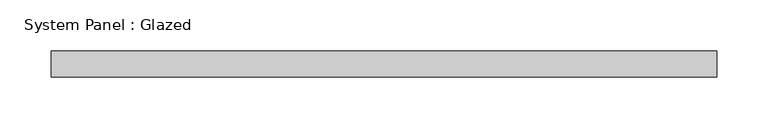
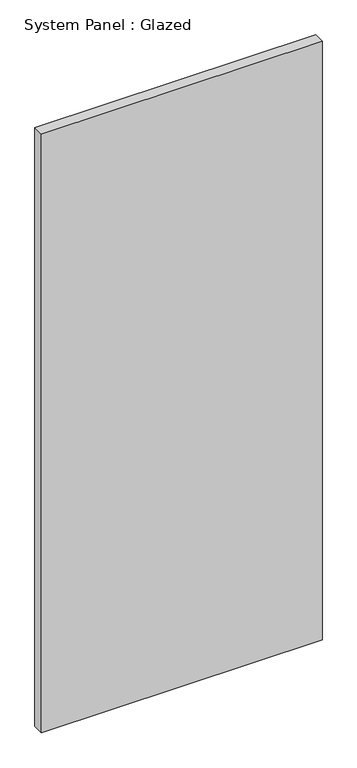
"""IFC4 building model written with IfcOpenShell, lengths in millimetres: plate geometry, System Panel : Glazed."""

from ifc_helpers import new_model, si_unit, origin, origin_with_axes, place, context, project, spatial, polyline, outline, extrude, source, transform, mapped, element, save


def system_panel_glazed_b44f8fb5(model_context):
    return source(origin(), model_context, "Body", "SweptSolid", [
        extrude(outline(polyline([(323.85, 19.05), (-323.85, 19.05), (-323.85, 44.45), (323.85, 44.45), (323.85, 19.05)])), origin_with_axes(), (0.0, 0.0, 1.0), 1460.5),
    ])


if __name__ == "__main__":
    model = new_model("IFC4")
    model_context = context("Model", 3, world=origin())
    ifc_project = project(units=[si_unit("LENGTHUNIT", "METRE", prefix="MILLI")], contexts=[model_context])
    site = spatial("IfcSite", under=ifc_project)
    building = spatial("IfcBuilding", under=site)
    placement = place(None, origin())
    system_panel_glazed_shape = system_panel_glazed_b44f8fb5(model_context)
    element("IfcPlate", 1, ObjectType="System Panel : Glazed", at=placement, inside=building, context=model_context, shape_type="MappedRepresentation", body=[
        mapped(system_panel_glazed_shape, transform((0.0, 0.0, 0.0), x_axis=(1.0, 0.0, 0.0), y_axis=(0.0, 1.0, 0.0), z_axis=(0.0, 0.0, 1.0))),
    ])
    save(model, "model.ifc")

# Revit data of these elements
# Type "System Panel : Glazed"
#   Construction Type Id = "GSP4R"
#   Analytic Construction = "1/8 in Pilkington single glazing"
#   Visual Light Transmittance = 0.9
#   Solar Heat Gain Coefficient = 0.86
#   Heat Transfer Coefficient (U) = 1.18115 BTU/(h·ft²·°F)
#   Define Thermal Properties by = 1
# Element 1 (IfcPlate, "System Panel : Glazed")
#   Materials on its faces: "Glass"
# Materials
#   "Glass": class "Glass", colour RGB 0 128 192, transparency 0.75, Description = "Soda Lime Glass", Cost = 0

---

From the opening line of the entries above to the line containing "from ifc_helpers import", please transcribe each line exactly, skipping every picture.

Response box ->
"""IFC4 building model written with IfcOpenShell, lengths in millimetres: plate geometry, System Panel : Glazed."""

from ifc_helpers import new_model, si_unit, origin, origin_with_axes, place, context, project, spatial, polyline, outline, extrude, source, transform, mapped, element, save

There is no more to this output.